**Work instructions**
Where in the data does the word "subcontext" appear? Find those lines and copy them.

**Task input**

********

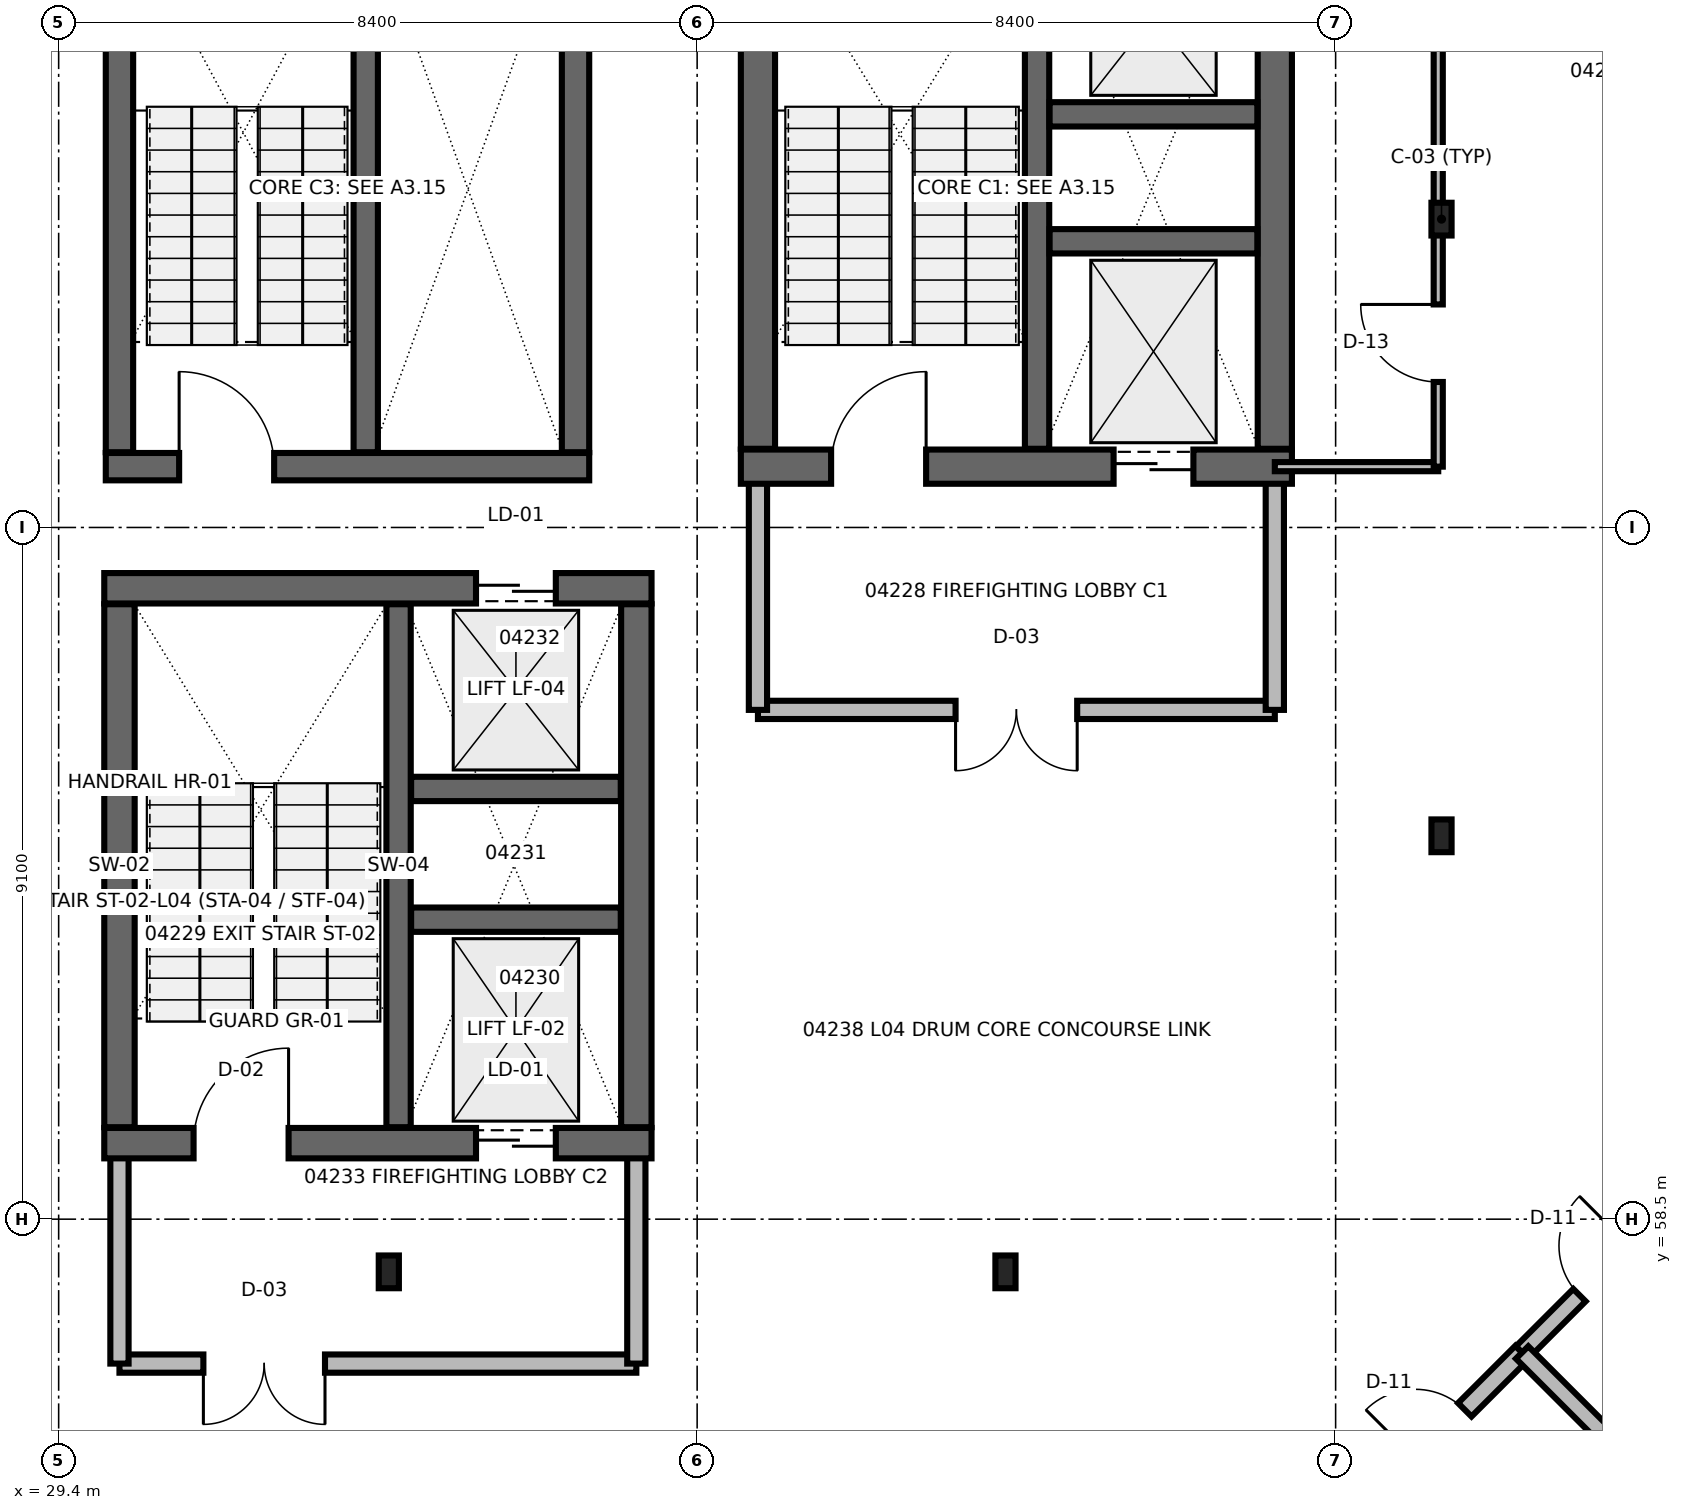
"""IFC4 building model, lengths in metres.
Left out: names, types, materials, properties, quantities, classifications, styles, units other than length and angle.
Written with IfcOpenShell. Run it as: python <this file> out.ifc"""

import sys

from ifc_helpers import new_model, si_unit, direction, frame, frame_2d, origin, origin_2d, place, context, subcontext, project, spatial, rectangle, i_section, extrude, element, fill, save


model = new_model("IFC4")
c1 = context("Model", 3, precision=1e-05, world=origin(), true_north=direction((0.0, 1.0)))
c2 = subcontext(c1, "Body", "Model", "MODEL_VIEW")
j1 = project(units=[si_unit("LENGTHUNIT", "METRE"), si_unit("PLANEANGLEUNIT", "RADIAN")], contexts=[c1])
p1 = place(None, origin())
s1 = spatial("IfcSite", under=j1, at=p1, CompositionType="ELEMENT")
p2 = place(p1, origin())
s2 = spatial("IfcBuilding", under=s1, at=p2, CompositionType="ELEMENT")
p3 = place(p2, frame((0.0, 0.0, 17.7)))
s3 = spatial("IfcBuildingStorey", under=s2, at=p3, CompositionType="ELEMENT", Elevation=17.7)
for number, where, z_axis, x_axis in (
    (1, (47.593, 71.656, 0.0), (0.0, 0.0, 1.0), (1.0, 0.0, 0.0)),
    (2, (33.744, 57.807, 0.0), (0.0, 0.0, 1.0), (1.0, 0.0, 0.0)),
    (3, (41.856, 57.807, 0.0), (0.0, 0.0, 1.0), (1.0, 0.0, 0.0)),
    (4, (47.593, 63.544, 0.0), (0.0, 0.0, 1.0), (1.0, 0.0, 0.0)),
):
    element("IfcColumn", number, at=place(p3, frame(where, z_axis=z_axis, x_axis=x_axis)), inside=s3, PredefinedType="COLUMN", context=c2, shape_type="SweptSolid", body=[
        extrude(i_section(OverallWidth=0.265, OverallDepth=0.431, WebThickness=0.015, FlangeThickness=0.025, at=origin_2d()), origin(), (0.0, 0.0, 1.0), 3.9),
    ])
p4 = place(p3, frame((49.072, 49.335, 0.0), z_axis=(0.0, 0.0, 1.0), x_axis=(0.707093322868, 0.707120239249, 0.0)))
e5 = element("IfcWall", 5, at=p4, inside=s3, PredefinedType="SOLIDWALL", context=c2, shape_type="SweptSolid", body=[
    extrude(rectangle(XDim=9.07, YDim=0.26, at=frame_2d((4.535, 0.0))), origin(), (0.0, 0.0, 1.0), 1.48),
])
p5 = place(p3, frame((38.6, 65.2, 0.0), z_axis=(0.0, 0.0, 1.0), x_axis=(1.0, 0.0, 0.0)))
e6 = element("IfcWall", 6, at=p5, inside=s3, PredefinedType="SOLIDWALL", context=c2, shape_type="SweptSolid", body=[
    extrude(rectangle(XDim=6.8, YDim=0.24, at=frame_2d((3.4, 0.0))), origin(), (0.0, 0.0, 1.0), 3.64),
])
p6 = place(p5, frame((2.6, 0.0, 0.0)))
e7 = element("IfcOpeningElement", 7, at=p6, cuts=e6, PredefinedType="OPENING", context=c2, shape_type="SweptSolid", body=[
    extrude(rectangle(XDim=1.6, YDim=2.2, at=frame_2d((0.8, 1.1))), frame((0.0, 0.13, 0.0), z_axis=(0.0, -1.0, 0.0), x_axis=(1.0, 0.0, 0.0)), (0.0, 0.0, 1.0), 0.26),
])
for number, where, z_axis, x_axis in (
    (8, (38.6, 68.4, 0.0), (0.0, 0.0, 1.0), (0.0, -1.0, 0.0)),
    (9, (45.4, 65.2, 0.0), (0.0, 0.0, 1.0), (0.0, 1.0, 0.0)),
):
    element("IfcWall", number, at=place(p3, frame(where, z_axis=z_axis, x_axis=x_axis)), inside=s3, PredefinedType="SOLIDWALL", context=c2, shape_type="SweptSolid", body=[
        extrude(rectangle(XDim=3.2, YDim=0.24, at=frame_2d((1.6, 0.0))), origin(), (0.0, 0.0, 1.0), 3.64),
    ])
p7 = place(p3, frame((38.375, 68.4, 0.0), z_axis=(0.0, 0.0, 1.0), x_axis=(1.0, 0.0, 0.0)))
e10 = element("IfcWall", 10, at=p7, inside=s3, PredefinedType="SHEAR", context=c2, shape_type="SweptSolid", body=[
    extrude(rectangle(XDim=7.25, YDim=0.45, at=frame_2d((3.625, 0.0))), origin(), (0.0, 0.0, 1.0), 3.62),
])
p8 = place(p7, frame((1.188, 0.0, 0.0)))
e11 = element("IfcOpeningElement", 11, at=p8, cuts=e10, PredefinedType="OPENING", context=c2, shape_type="SweptSolid", body=[
    extrude(rectangle(XDim=1.25, YDim=2.2, at=frame_2d((0.625, 1.1))), frame((0.0, 0.235, 0.0), z_axis=(0.0, -1.0, 0.0), x_axis=(1.0, 0.0, 0.0)), (0.0, 0.0, 1.0), 0.47),
])
p9 = place(p7, frame((4.904, 0.0, 0.0)))
e12 = element("IfcOpeningElement", 12, at=p9, cuts=e10, PredefinedType="OPENING", context=c2, shape_type="SweptSolid", body=[
    extrude(rectangle(XDim=1.05, YDim=2.15, at=frame_2d((0.525, 1.075))), frame((0.0, 0.235, 0.0), z_axis=(0.0, -1.0, 0.0), x_axis=(1.0, 0.0, 0.0)), (0.0, 0.0, 1.0), 0.47),
])
for number, where, z_axis, x_axis in (
    (13, (38.6, 68.635, 0.0), (0.0, 0.0, 1.0), (0.0, 1.0, 0.0)),
    (14, (45.4, 68.635, 0.0), (0.0, 0.0, 1.0), (0.0, 1.0, 0.0)),
):
    element("IfcWall", number, at=place(p3, frame(where, z_axis=z_axis, x_axis=x_axis)), inside=s3, PredefinedType="SHEAR", context=c2, shape_type="SweptSolid", body=[
        extrude(rectangle(XDim=6.83, YDim=0.45, at=frame_2d((3.415, 0.0))), origin(), (0.0, 0.0, 1.0), 3.62),
    ])
p10 = place(p3, frame((42.272, 68.635, 0.0), z_axis=(0.0, 0.0, 1.0), x_axis=(0.0, 1.0, 0.0)))
e15 = element("IfcWall", 15, at=p10, inside=s3, PredefinedType="SHEAR", context=c2, shape_type="SweptSolid", body=[
    extrude(rectangle(XDim=6.83, YDim=0.32, at=frame_2d((3.415, 0.0))), origin(), (0.0, 0.0, 1.0), 3.62),
])
for number, where, z_axis, x_axis in (
    (16, (42.437, 71.365, 0.0), (0.0, 0.0, 1.0), (1.0, 0.0, 0.0)),
    (17, (42.437, 73.035, 0.0), (0.0, 0.0, 1.0), (1.0, 0.0, 0.0)),
):
    element("IfcWall", number, at=place(p3, frame(where, z_axis=z_axis, x_axis=x_axis)), inside=s3, PredefinedType="SHEAR", context=c2, shape_type="SweptSolid", body=[
        extrude(rectangle(XDim=2.733, YDim=0.32, at=frame_2d((1.366, 0.0))), origin(), (0.0, 0.0, 1.0), 3.62),
    ])
p11 = place(p3, frame((30.2, 56.6, 0.0), z_axis=(0.0, 0.0, 1.0), x_axis=(1.0, 0.0, 0.0)))
e18 = element("IfcWall", 18, at=p11, inside=s3, PredefinedType="SOLIDWALL", context=c2, shape_type="SweptSolid", body=[
    extrude(rectangle(XDim=6.8, YDim=0.24, at=frame_2d((3.4, 0.0))), origin(), (0.0, 0.0, 1.0), 3.009),
])
p12 = place(p11, frame((1.104, 0.0, 0.0)))
e19 = element("IfcOpeningElement", 19, at=p12, cuts=e18, PredefinedType="OPENING", context=c2, shape_type="SweptSolid", body=[
    extrude(rectangle(XDim=1.6, YDim=2.2, at=frame_2d((0.8, 1.1))), frame((0.0, 0.13, 0.0), z_axis=(0.0, -1.0, 0.0), x_axis=(1.0, 0.0, 0.0)), (0.0, 0.0, 1.0), 0.26),
])
p13 = place(p3, frame((30.2, 59.5, 0.0), z_axis=(0.0, 0.0, 1.0), x_axis=(0.0, -1.0, 0.0)))
e20 = element("IfcWall", 20, at=p13, inside=s3, PredefinedType="SOLIDWALL", context=c2, shape_type="SweptSolid", body=[
    extrude(rectangle(XDim=2.9, YDim=0.24, at=frame_2d((1.45, 0.0))), origin(), (0.0, 0.0, 1.0), 3.64),
])
p14 = place(p3, frame((37.0, 56.6, 0.0), z_axis=(0.0, 0.0, 1.0), x_axis=(0.0, 1.0, 0.0)))
e21 = element("IfcWall", 21, at=p14, inside=s3, PredefinedType="SOLIDWALL", context=c2, shape_type="SweptSolid", body=[
    extrude(rectangle(XDim=2.9, YDim=0.24, at=frame_2d((1.45, 0.0))), origin(), (0.0, 0.0, 1.0), 3.009),
])
p15 = place(p3, frame((30.0, 59.5, 0.0), z_axis=(0.0, 0.0, 1.0), x_axis=(1.0, 0.0, 0.0)))
e22 = element("IfcWall", 22, at=p15, inside=s3, PredefinedType="SHEAR", context=c2, shape_type="SweptSolid", body=[
    extrude(rectangle(XDim=7.2, YDim=0.4, at=frame_2d((3.6, 0.0))), origin(), (0.0, 0.0, 1.0), 3.62),
])
p16 = place(p15, frame((1.175, 0.0, 0.0)))
e23 = element("IfcOpeningElement", 23, at=p16, cuts=e22, PredefinedType="OPENING", context=c2, shape_type="SweptSolid", body=[
    extrude(rectangle(XDim=1.25, YDim=2.2, at=frame_2d((0.625, 1.1))), frame((0.0, 0.21, 0.0), z_axis=(0.0, -1.0, 0.0), x_axis=(1.0, 0.0, 0.0)), (0.0, 0.0, 1.0), 0.42),
])
p17 = place(p15, frame((4.891, 0.0, 0.0)))
e24 = element("IfcOpeningElement", 24, at=p17, cuts=e22, PredefinedType="OPENING", context=c2, shape_type="SweptSolid", body=[
    extrude(rectangle(XDim=1.05, YDim=2.15, at=frame_2d((0.525, 1.075))), frame((0.0, 0.21, 0.0), z_axis=(0.0, -1.0, 0.0), x_axis=(1.0, 0.0, 0.0)), (0.0, 0.0, 1.0), 0.42),
])
p18 = place(p3, frame((30.0, 66.8, 0.0), z_axis=(0.0, 0.0, 1.0), x_axis=(1.0, 0.0, 0.0)))
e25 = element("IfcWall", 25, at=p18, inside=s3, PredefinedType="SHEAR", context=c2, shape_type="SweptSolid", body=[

********

**Solution for this problem**
from ifc_helpers import new_model, si_unit, direction, frame, frame_2d, origin, origin_2d, place, context, subcontext, project, spatial, rectangle, i_section, extrude, element, fill, save
c2 = subcontext(c1, "Body", "Model", "MODEL_VIEW")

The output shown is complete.